**TASK OBJECTIVE:**
A line qualifies if it holds the string "project". Copy every qualifying line from the records.

**TASK DATA:**
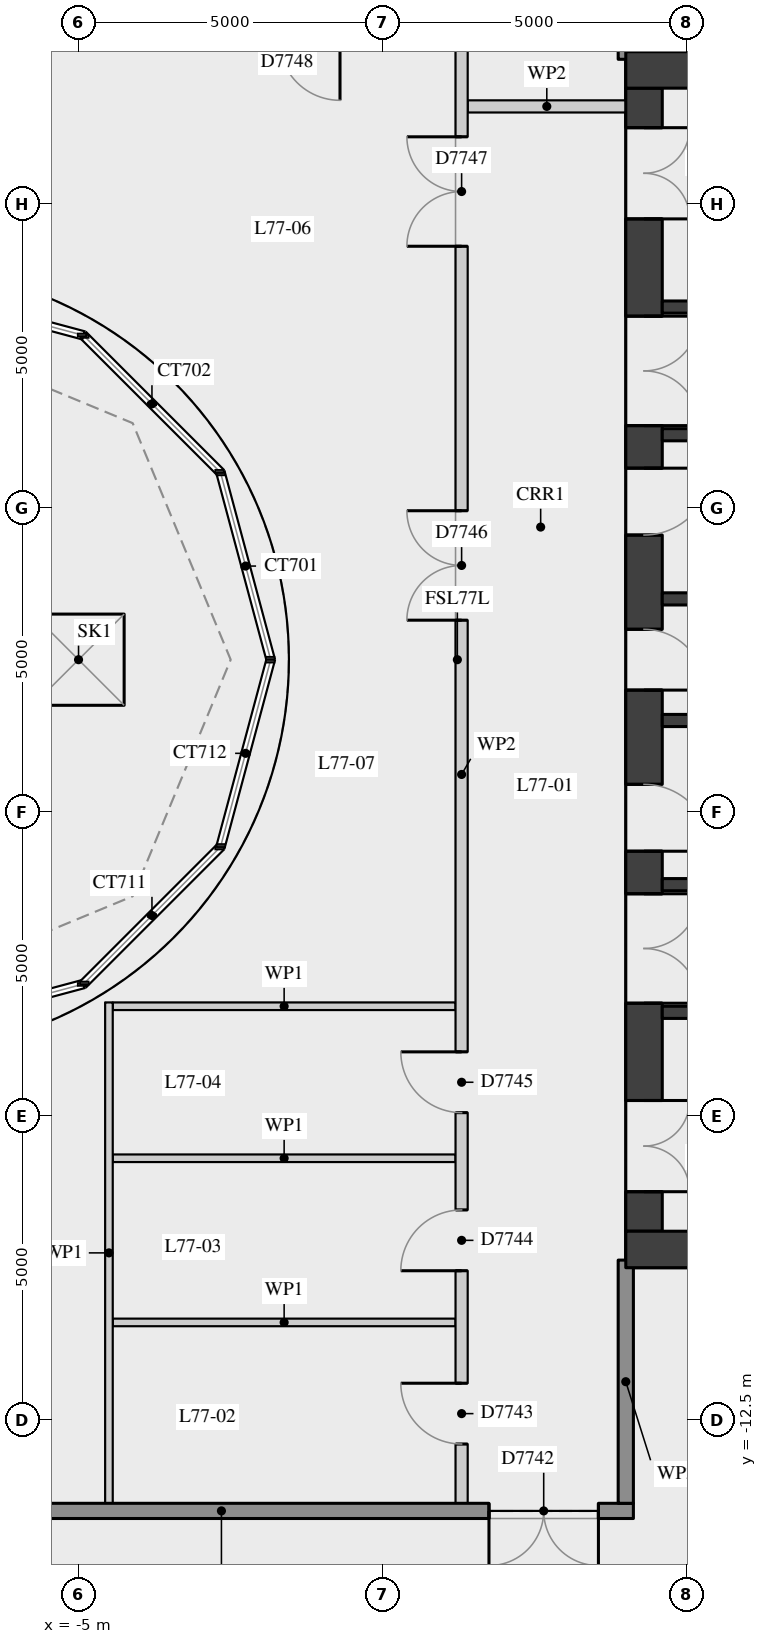
"""IFC4 building model, lengths in metres.
Left out: names, types, materials, properties, quantities, classifications, styles, units other than length and angle.
Written with IfcOpenShell. Run it as: python <this file> out.ifc"""

import sys

from ifc_helpers import new_model, si_unit, direction, frame, frame_2d, origin, origin_2d, place, context, subcontext, project, spatial, rectangle, extrude, element, fill, save


model = new_model("IFC4")
c1 = context("Model", 3, precision=1e-05, world=origin(), true_north=direction((0.0, 1.0)))
c2 = subcontext(c1, "Body", "Model", "MODEL_VIEW")
j1 = project(units=[si_unit("LENGTHUNIT", "METRE"), si_unit("PLANEANGLEUNIT", "RADIAN")], contexts=[c1])
p1 = place(None, origin())
s1 = spatial("IfcSite", under=j1, at=p1, CompositionType="ELEMENT")
p2 = place(p1, origin())
s2 = spatial("IfcBuilding", under=s1, at=p2, CompositionType="ELEMENT")
p3 = place(p2, frame((0.0, 0.0, 275.2)))
s3 = spatial("IfcBuildingStorey", under=s2, at=p3, CompositionType="ELEMENT", Elevation=275.2)
p4 = place(p3, frame((5.133, -18.012, 0.0), z_axis=(0.0, 0.0, 1.0), x_axis=(0.602567127341, 0.798068203256, 0.0)))
e1 = element("IfcWall", 1, at=p4, inside=s3, PredefinedType="USERDEFINED", context=c2, shape_type="SweptSolid", body=[
    extrude(rectangle(XDim=5.0, YDim=1.3, at=frame_2d((2.5, 0.0))), origin(), (0.0, 0.0, 1.0), 0.45),
])
p5 = place(p3, frame((4.3, -9.4, 0.0), z_axis=(0.0, 0.0, 1.0), x_axis=(0.0, 1.0, 0.0)))
e2 = element("IfcWall", 2, at=p5, inside=s3, PredefinedType="SHEAR", context=c2, shape_type="SweptSolid", body=[
    extrude(rectangle(XDim=18.8, YDim=0.6, at=frame_2d((9.4, 0.0))), origin(), (0.0, 0.0, 1.0), 5.0),
])
p6 = place(p5, frame((0.65, 0.0, 0.0)))
e3 = element("IfcOpeningElement", 3, at=p6, cuts=e2, PredefinedType="OPENING", context=c2, shape_type="SweptSolid", body=[
    extrude(rectangle(XDim=1.5, YDim=2.1, at=frame_2d((0.75, 1.05))), frame((0.0, 0.31, 0.0), z_axis=(0.0, -1.0, 0.0), x_axis=(1.0, 0.0, 0.0)), (0.0, 0.0, 1.0), 0.62),
])
p7 = place(p5, frame((3.75, 0.0, 0.0)))
e4 = element("IfcOpeningElement", 4, at=p7, cuts=e2, PredefinedType="OPENING", context=c2, shape_type="SweptSolid", body=[
    extrude(rectangle(XDim=1.8, YDim=2.1, at=frame_2d((0.9, 1.05))), frame((0.0, 0.31, 0.0), z_axis=(0.0, -1.0, 0.0), x_axis=(1.0, 0.0, 0.0)), (0.0, 0.0, 1.0), 0.62),
])
p8 = place(p5, frame((6.25, 0.0, 0.0)))
e5 = element("IfcOpeningElement", 5, at=p8, cuts=e2, PredefinedType="OPENING", context=c2, shape_type="SweptSolid", body=[
    extrude(rectangle(XDim=1.1, YDim=2.1, at=frame_2d((0.55, 1.05))), frame((0.0, 0.31, 0.0), z_axis=(0.0, -1.0, 0.0), x_axis=(1.0, 0.0, 0.0)), (0.0, 0.0, 1.0), 0.62),
])
p9 = place(p5, frame((8.9, 0.0, 0.0)))
e6 = element("IfcOpeningElement", 6, at=p9, cuts=e2, PredefinedType="OPENING", context=c2, shape_type="SweptSolid", body=[
    extrude(rectangle(XDim=1.0, YDim=2.1, at=frame_2d((0.5, 1.05))), frame((0.0, 0.31, 0.0), z_axis=(0.0, -1.0, 0.0), x_axis=(1.0, 0.0, 0.0)), (0.0, 0.0, 1.0), 0.62),
])
p10 = place(p5, frame((11.45, 0.0, 0.0)))
e7 = element("IfcOpeningElement", 7, at=p10, cuts=e2, PredefinedType="OPENING", context=c2, shape_type="SweptSolid", body=[
    extrude(rectangle(XDim=1.1, YDim=2.1, at=frame_2d((0.55, 1.05))), frame((0.0, 0.31, 0.0), z_axis=(0.0, -1.0, 0.0), x_axis=(1.0, 0.0, 0.0)), (0.0, 0.0, 1.0), 0.62),
])
p11 = place(p5, frame((13.25, 0.0, 0.0)))
e8 = element("IfcOpeningElement", 8, at=p11, cuts=e2, PredefinedType="OPENING", context=c2, shape_type="SweptSolid", body=[
    extrude(rectangle(XDim=1.8, YDim=2.1, at=frame_2d((0.9, 1.05))), frame((0.0, 0.31, 0.0), z_axis=(0.0, -1.0, 0.0), x_axis=(1.0, 0.0, 0.0)), (0.0, 0.0, 1.0), 0.62),
])
p12 = place(p5, frame((16.65, 0.0, 0.0)))
e9 = element("IfcOpeningElement", 9, at=p12, cuts=e2, PredefinedType="OPENING", context=c2, shape_type="SweptSolid", body=[
    extrude(rectangle(XDim=1.5, YDim=2.1, at=frame_2d((0.75, 1.05))), frame((0.0, 0.31, 0.0), z_axis=(0.0, -1.0, 0.0), x_axis=(1.0, 0.0, 0.0)), (0.0, 0.0, 1.0), 0.62),
])
for number, where, z_axis, x_axis in (
    (10, (4.0, 9.7, 0.0), (0.0, 0.0, 1.0), (1.0, 0.0, 0.0)),
    (11, (4.0, -9.7, 0.0), (0.0, 0.0, 1.0), (1.0, 0.0, 0.0)),
):
    element("IfcWall", number, at=place(p3, frame(where, z_axis=z_axis, x_axis=x_axis)), inside=s3, PredefinedType="SHEAR", context=c2, shape_type="SweptSolid", body=[
        extrude(rectangle(XDim=12.0, YDim=0.6, at=frame_2d((6.0, 0.0))), origin(), (0.0, 0.0, 1.0), 5.0),
    ])
p13 = place(p3, frame((4.6, 5.8, 0.0), z_axis=(0.0, 0.0, 1.0), x_axis=(1.0, 0.0, 0.0)))
e12 = element("IfcWall", 12, at=p13, inside=s3, PredefinedType="SHEAR", context=c2, shape_type="SweptSolid", body=[
    extrude(rectangle(XDim=10.8, YDim=0.2, at=frame_2d((5.4, 0.0))), origin(), (0.0, 0.0, 1.0), 5.0),
])
p14 = place(p13, frame((8.15, 0.0, 0.0)))
e13 = element("IfcOpeningElement", 13, at=p14, cuts=e12, PredefinedType="OPENING", context=c2, shape_type="SweptSolid", body=[
    extrude(rectangle(XDim=0.9, YDim=2.1, at=frame_2d((0.45, 1.05))), frame((0.0, 0.11, 0.0), z_axis=(0.0, -1.0, 0.0), x_axis=(1.0, 0.0, 0.0)), (0.0, 0.0, 1.0), 0.22),
])
p15 = place(p3, frame((4.6, 3.7, 0.0), z_axis=(0.0, 0.0, 1.0), x_axis=(1.0, 0.0, 0.0)))
e14 = element("IfcWall", 14, at=p15, inside=s3, PredefinedType="SHEAR", context=c2, shape_type="SweptSolid", body=[
    extrude(rectangle(XDim=10.8, YDim=0.2, at=frame_2d((5.4, 0.0))), origin(), (0.0, 0.0, 1.0), 5.0),
])
p16 = place(p15, frame((7.85, 0.0, 0.0)))
e15 = element("IfcOpeningElement", 15, at=p16, cuts=e14, PredefinedType="OPENING", context=c2, shape_type="SweptSolid", body=[
    extrude(rectangle(XDim=0.9, YDim=2.1, at=frame_2d((0.45, 1.05))), frame((0.0, 0.11, 0.0), z_axis=(0.0, -1.0, 0.0), x_axis=(1.0, 0.0, 0.0)), (0.0, 0.0, 1.0), 0.22),
])
for number, where, z_axis, x_axis in (
    (16, (4.6, 1.0, 0.0), (0.0, 0.0, 1.0), (1.0, 0.0, 0.0)),
    (17, (4.6, -1.0, 0.0), (0.0, 0.0, 1.0), (1.0, 0.0, 0.0)),
):
    element("IfcWall", number, at=place(p3, frame(where, z_axis=z_axis, x_axis=x_axis)), inside=s3, PredefinedType="SHEAR", context=c2, shape_type="SweptSolid", body=[
        extrude(rectangle(XDim=10.8, YDim=0.2, at=frame_2d((5.4, 0.0))), origin(), (0.0, 0.0, 1.0), 5.0),
    ])
p17 = place(p3, frame((4.6, -3.7, 0.0), z_axis=(0.0, 0.0, 1.0), x_axis=(1.0, 0.0, 0.0)))
e18 = element("IfcWall", 18, at=p17, inside=s3, PredefinedType="SHEAR", context=c2, shape_type="SweptSolid", body=[
    extrude(rectangle(XDim=10.8, YDim=0.2, at=frame_2d((5.4, 0.0))), origin(), (0.0, 0.0, 1.0), 5.0),
])
p18 = place(p17, frame((7.85, 0.0, 0.0)))
e19 = element("IfcOpeningElement", 19, at=p18, cuts=e18, PredefinedType="OPENING", context=c2, shape_type="SweptSolid", body=[
    extrude(rectangle(XDim=0.9, YDim=2.1, at=frame_2d((0.45, 1.05))), frame((0.0, 0.11, 0.0), z_axis=(0.0, -1.0, 0.0), x_axis=(1.0, 0.0, 0.0)), (0.0, 0.0, 1.0), 0.22),
])
p19 = place(p3, frame((4.6, -5.8, 0.0), z_axis=(0.0, 0.0, 1.0), x_axis=(1.0, 0.0, 0.0)))
e20 = element("IfcWall", 20, at=p19, inside=s3, PredefinedType="SHEAR", context=c2, shape_type="SweptSolid", body=[
    extrude(rectangle(XDim=10.8, YDim=0.2, at=frame_2d((5.4, 0.0))), origin(), (0.0, 0.0, 1.0), 5.0),
])
p20 = place(p19, frame((8.15, 0.0, 0.0)))
e21 = element("IfcOpeningElement", 21, at=p20, cuts=e20, PredefinedType="OPENING", context=c2, shape_type="SweptSolid", body=[
    extrude(rectangle(XDim=0.9, YDim=2.1, at=frame_2d((0.45, 1.05))), frame((0.0, 0.11, 0.0), z_axis=(0.0, -1.0, 0.0), x_axis=(1.0, 0.0, 0.0)), (0.0, 0.0, 1.0), 0.22),
])
p21 = place(p3, frame((-9.425, -14.0, 0.0), z_axis=(0.0, 0.0, 1.0), x_axis=(1.0, 0.0, 0.0)))
e22 = element("IfcWall", 22, at=p21, inside=s3, PredefinedType="PARTITIONING", context=c2, shape_type="SweptSolid", body=[
    extrude(rectangle(XDim=13.55, YDim=0.25, at=frame_2d((6.775, 0.0))), origin(), (0.0, 0.0, 1.0), 6.0),
])
p22 = place(p21, frame((1.525, 0.0, 0.0)))
e23 = element("IfcOpeningElement", 23, at=p22, cuts=e22, PredefinedType="OPENING", context=c2, shape_type="SweptSolid", body=[
    extrude(rectangle(XDim=1.8, YDim=2.4, at=frame_2d((0.9, 1.2))), frame((0.0, 0.135, 0.0), z_axis=(0.0, -1.0, 0.0), x_axis=(1.0, 0.0, 0.0)), (0.0, 0.0, 1.0), 0.27),
])
p23 = place(p21, frame((11.175, 0.0, 0.0)))
e24 = element("IfcOpeningElement", 24, at=p23, cuts=e22, PredefinedType="OPENING", context=c2, shape_type="SweptSolid", body=[
    extrude(rectangle(XDim=1.8, YDim=2.4, at=frame_2d((0.9, 1.2))), frame((0.0, 0.135, 0.0), z_axis=(0.0, -1.0, 0.0), x_axis=(1.0, 0.0, 0.0)), (0.0, 0.0, 1.0), 0.27),
])
for number, where, z_axis, x_axis in (
    (25, (-4.438, -10.9, 0.0), (0.0, 0.0, 1.0), (1.0, 0.0, 0.0)),
    (26, (-4.438, -8.2, 0.0), (0.0, 0.0, 1.0), (1.0, 0.0, 0.0)),
    (27, (-4.438, -5.7, 0.0), (0.0, 0.0, 1.0), (1.0, 0.0, 0.0)),
):
    element("IfcWall", number, at=place(p3, frame(where, z_axis=z_axis, x_axis=x_axis)), inside=s3, PredefinedType="PARTITIONING", context=c2, shape_type="SweptSolid", body=[
        extrude(rectangle(XDim=5.637, YDim=0.125, at=frame_2d((2.819, 0.0))), origin(), (0.0, 0.0, 1.0), 6.0),
    ])
p24 = place(p3, frame((1.4, 9.1, 0.0), z_axis=(0.0, 0.0, 1.0), x_axis=(1.0, 0.0, 0.0)))
e28 = element("IfcWall", 28, at=p24, inside=s3, PredefinedType="PARTITIONING", context=c2, shape_type="SweptSolid", body=[
    extrude(rectangle(XDim=2.602, YDim=0.2, at=frame_2d((1.301, 0.0))), origin(), (0.0, 0.0, 1.0), 6.0),
])
p25 = place(p3, frame((-4.5, -13.875, 0.0), z_axis=(0.0, 0.0, 1.0), x_axis=(0.0, 1.0, 0.0)))
e29 = element("IfcWall", 29, at=p25, inside=s3, PredefinedType="PARTITIONING", context=c2, shape_type="SweptSolid", body=[
    extrude(rectangle(XDim=8.238, YDim=0.125, at=frame_2d((4.119, 0.0))), origin(), (0.0, 0.0, 1.0), 6.0),
])
p26 = place(p3, frame((1.3, -13.875, 0.0), z_axis=(0.0, 0.0, 1.0), x_axis=(0.0, 1.0, 0.0)))
e30 = element("IfcWall", 30, at=p26, inside=s3, PredefinedType="PARTITIONING", context=c2, shape_type="SweptSolid", body=[
    extrude(rectangle(XDim=23.975, YDim=0.2, at=frame_2d((11.988, 0.0))), origin(), (0.0, 0.0, 1.0), 6.0),
])
p27 = place(p26, frame((20.675, 0.0, 0.0)))
e31 = element("IfcOpeningElement", 31, at=p27, cuts=e30, PredefinedType="OPENING", context=c2, shape_type="SweptSolid", body=[
    extrude(rectangle(XDim=1.8, YDim=2.1, at=frame_2d((0.9, 1.05))), frame((0.0, 0.11, 0.0), z_axis=(0.0, -1.0, 0.0), x_axis=(1.0, 0.0, 0.0)), (0.0, 0.0, 1.0), 0.22),
])
p28 = place(p26, frame((14.525, 0.0, 0.0)))
e32 = element("IfcOpeningElement", 32, at=p28, cuts=e30, PredefinedType="OPENING", context=c2, shape_type="SweptSolid", body=[
    extrude(rectangle(XDim=1.8, YDim=2.1, at=frame_2d((0.9, 1.05))), frame((0.0, 0.11, 0.0), z_axis=(0.0, -1.0, 0.0), x_axis=(1.0, 0.0, 0.0)), (0.0, 0.0, 1.0), 0.22),
])
p29 = place(p26, frame((0.975, 0.0, 0.0)))
e33 = element("IfcOpeningElement", 33, at=p29, cuts=e30, PredefinedType="OPENING", context=c2, shape_type="SweptSolid", body=[
    extrude(rectangle(XDim=1.0, YDim=2.1, at=frame_2d((0.5, 1.05))), frame((0.0, 0.11, 0.0), z_axis=(0.0, -1.0, 0.0), x_axis=(1.0, 0.0, 0.0)), (0.0, 0.0, 1.0), 0.22),
])
p30 = place(p26, frame((3.825, 0.0, 0.0)))
e34 = element("IfcOpeningElement", 34, at=p30, cuts=e30, PredefinedType="OPENING", context=c2, shape_type="SweptSolid", body=[
    extrude(rectangle(XDim=1.0, YDim=2.1, at=frame_2d((0.5, 1.05))), frame((0.0, 0.11, 0.0), z_axis=(0.0, -1.0, 0.0), x_axis=(1.0, 0.0, 0.0)), (0.0, 0.0, 1.0), 0.22),
])
p31 = place(p26, frame((6.425, 0.0, 0.0)))
e35 = element("IfcOpeningElement", 35, at=p31, cuts=e30, PredefinedType="OPENING", context=c2, shape_type="SweptSolid", body=[
    extrude(rectangle(XDim=1.0, YDim=2.1, at=frame_2d((0.5, 1.05))), frame((0.0, 0.11, 0.0), z_axis=(0.0, -1.0, 0.0), x_axis=(1.0, 0.0, 0.0)), (0.0, 0.0, 1.0), 0.22),
])
for number, where, z_axis, x_axis in (
    (36, (4.0, -13.875, 0.0), (0.0, 0.0, 1.0), (0.0, 1.0, 0.0)),
    (37, (4.0, 9.875, 0.0), (0.0, 0.0, 1.0), (0.0, 1.0, 0.0)),
):
    element("IfcWall", number, at=place(p3, frame(where, z_axis=z_axis, x_axis=x_axis)), inside=s3, PredefinedType="PARTITIONING", context=c2, shape_type="SweptSolid", body=[
        extrude(rectangle(XDim=4.0, YDim=0.25, at=frame_2d((2.0, 0.0))), origin(), (0.0, 0.0, 1.0), 6.0),
    ])
p32 = place(p3, frame((0.0, 0.0, 1.8)))
p33 = place(p32, frame((-5.0, 0.0, 0.0)))
p34 = place(p33, frame((0.0, 0.0, 0.1)))
e38 = element("IfcWindow", 38, at=p34, inside=s3, PartitioningType="SINGLE_PANEL", PredefinedType="SKYLIGHT", context=c2, shape_type="SweptSolid", body=[
    extrude(rectangle(XDim=1.5, YDim=1.5, at=origin_2d()), origin(), (0.0, 0.0, 1.0), 0.05),
])
p35 = place(p6, origin())
e39 = element("IfcDoor", 39, at=p35, inside=s3, OperationType="DOUBLE_DOOR_SINGLE_SWING", PredefinedType="DOOR", context=c2, shape_type="SweptSolid", body=[
    extrude(rectangle(XDim=1.5, YDim=2.1, at=frame_2d((0.75, 1.05))), frame((0.0, 0.025, 0.0), z_axis=(0.0, -1.0, 0.0), x_axis=(1.0, 0.0, 0.0)), (0.0, 0.0, 1.0), 0.05),
])
fill(e3, e39)
p36 = place(p7, origin())
e40 = element("IfcDoor", 40, at=p36, inside=s3, OperationType="DOUBLE_DOOR_SINGLE_SWING", PredefinedType="DOOR", context=c2, shape_type="SweptSolid", body=[
    extrude(rectangle(XDim=1.8, YDim=2.1, at=frame_2d((0.9, 1.05))), frame((0.0, 0.025, 0.0), z_axis=(0.0, -1.0, 0.0), x_axis=(1.0, 0.0, 0.0)), (0.0, 0.0, 1.0), 0.05),
])
fill(e4, e40)
p37 = place(p8, origin())
e41 = element("IfcDoor", 41, at=p37, inside=s3, OperationType="SINGLE_SWING_RIGHT", PredefinedType="DOOR", context=c2, shape_type="SweptSolid", body=[
    extrude(rectangle(XDim=1.1, YDim=2.1, at=frame_2d((0.55, 1.05))), frame((0.0, 0.025, 0.0), z_axis=(0.0, -1.0, 0.0), x_axis=(1.0, 0.0, 0.0)), (0.0, 0.0, 1.0), 0.05),
])
fill(e5, e41)
p38 = place(p9, origin())
e42 = element("IfcDoor", 42, at=p38, inside=s3, OperationType="SINGLE_SWING_RIGHT", PredefinedType="DOOR", context=c2, shape_type="SweptSolid", body=[
    extrude(rectangle(XDim=1.0, YDim=2.1, at=frame_2d((0.5, 1.05))), frame((0.0, 0.025, 0.0), z_axis=(0.0, -1.0, 0.0), x_axis=(1.0, 0.0, 0.0)), (0.0, 0.0, 1.0), 0.05),
])
fill(e6, e42)
p39 = place(p10, origin())
e43 = element("IfcDoor", 43, at=p39, inside=s3, OperationType="SINGLE_SWING_LEFT", PredefinedType="DOOR", context=c2, shape_type="SweptSolid", body=[
    extrude(rectangle(XDim=1.1, YDim=2.1, at=frame_2d((0.55, 1.05))), frame((0.0, 0.025, 0.0), z_axis=(0.0, -1.0, 0.0), x_axis=(1.0, 0.0, 0.0)), (0.0, 0.0, 1.0), 0.05),
])
fill(e7, e43)
p40 = place(p11, origin())
e44 = element("IfcDoor", 44, at=p40, inside=s3, OperationType="DOUBLE_DOOR_SINGLE_SWING", PredefinedType="DOOR", context=c2, shape_type="SweptSolid", body=[
    extrude(rectangle(XDim=1.8, YDim=2.1, at=frame_2d((0.9, 1.05))), frame((0.0, 0.025, 0.0), z_axis=(0.0, -1.0, 0.0), x_axis=(1.0, 0.0, 0.0)), (0.0, 0.0, 1.0), 0.05),
])
fill(e8, e44)
p41 = place(p12, origin())
e45 = element("IfcDoor", 45, at=p41, inside=s3, OperationType="DOUBLE_DOOR_SINGLE_SWING", PredefinedType="DOOR", context=c2, shape_type="SweptSolid", body=[
    extrude(rectangle(XDim=1.5, YDim=2.1, at=frame_2d((0.75, 1.05))), frame((0.0, 0.025, 0.0), z_axis=(0.0, -1.0, 0.0), x_axis=(1.0, 0.0, 0.0)), (0.0, 0.0, 1.0), 0.05),
])
fill(e9, e45)
p42 = place(p27, origin())
e46 = element("IfcDoor", 46, at=p42, inside=s3, OperationType="DOUBLE_DOOR_SINGLE_SWING", PredefinedType="DOOR", context=c2, shape_type="SweptSolid", body=[
    extrude(rectangle(XDim=1.8, YDim=2.1, at=frame_2d((0.9, 1.05))), frame((0.0, 0.025, 0.0), z_axis=(0.0, -1.0, 0.0), x_axis=(1.0, 0.0, 0.0)), (0.0, 0.0, 1.0), 0.05),
])
fill(e31, e46)
p43 = place(p28, origin())
e47 = element("IfcDoor", 47, at=p43, inside=s3, OperationType="DOUBLE_DOOR_SINGLE_SWING", PredefinedType="DOOR", context=c2, shape_type="SweptSolid", body=[
    extrude(rectangle(XDim=1.8, YDim=2.1, at=frame_2d((0.9, 1.05))), frame((0.0, 0.025, 0.0), z_axis=(0.0, -1.0, 0.0), x_axis=(1.0, 0.0, 0.0)), (0.0, 0.0, 1.0), 0.05),
])
fill(e32, e47)
p44 = place(p29, origin())
e48 = element("IfcDoor", 48, at=p44, inside=s3, OperationType="SINGLE_SWING_RIGHT", PredefinedType="DOOR", context=c2, shape_type="SweptSolid", body=[
    extrude(rectangle(XDim=1.0, YDim=2.1, at=frame_2d((0.5, 1.05))), frame((0.0, 0.025, 0.0), z_axis=(0.0, -1.0, 0.0), x_axis=(1.0, 0.0, 0.0)), (0.0, 0.0, 1.0), 0.05),
])
fill(e33, e48)
p45 = place(p30, origin())
e49 = element("IfcDoor", 49, at=p45, inside=s3, OperationType="SINGLE_SWING_LEFT", PredefinedType="DOOR", context=c2, shape_type="SweptSolid", body=[
    extrude(rectangle(XDim=1.0, YDim=2.1, at=frame_2d((0.5, 1.05))), frame((0.0, 0.025, 0.0), z_axis=(0.0, -1.0, 0.0), x_axis=(1.0, 0.0, 0.0)), (0.0, 0.0, 1.0), 0.05),
])
fill(e34, e49)
p46 = place(p31, origin())
e50 = element("IfcDoor", 50, at=p46, inside=s3, OperationType="SINGLE_SWING_RIGHT", PredefinedType="DOOR", context=c2, shape_type="SweptSolid", body=[
    extrude(rectangle(XDim=1.0, YDim=2.1, at=frame_2d((0.5, 1.05))), frame((0.0, 0.025, 0.0), z_axis=(0.0, -1.0, 0.0), x_axis=(1.0, 0.0, 0.0)), (0.0, 0.0, 1.0), 0.05),
])
fill(e35, e50)
p47 = place(p23, origin())
e51 = element("IfcDoor", 51, at=p47, inside=s3, OperationType="DOUBLE_DOOR_SINGLE_SWING", PredefinedType="DOOR", context=c2, shape_type="SweptSolid", body=[
    extrude(rectangle(XDim=1.8, YDim=2.4, at=frame_2d((0.9, 1.2))), frame((0.0, 0.025, 0.0), z_axis=(0.0, -1.0, 0.0), x_axis=(1.0, 0.0, 0.0)), (0.0, 0.0, 1.0), 0.05),
])
fill(e24, e51)
save(model, sys.argv[1])

**RESULT FOR THIS TASK:**
from ifc_helpers import new_model, si_unit, direction, frame, frame_2d, origin, origin_2d, place, context, subcontext, project, spatial, rectangle, extrude, element, fill, save
j1 = project(units=[si_unit("LENGTHUNIT", "METRE"), si_unit("PLANEANGLEUNIT", "RADIAN")], contexts=[c1])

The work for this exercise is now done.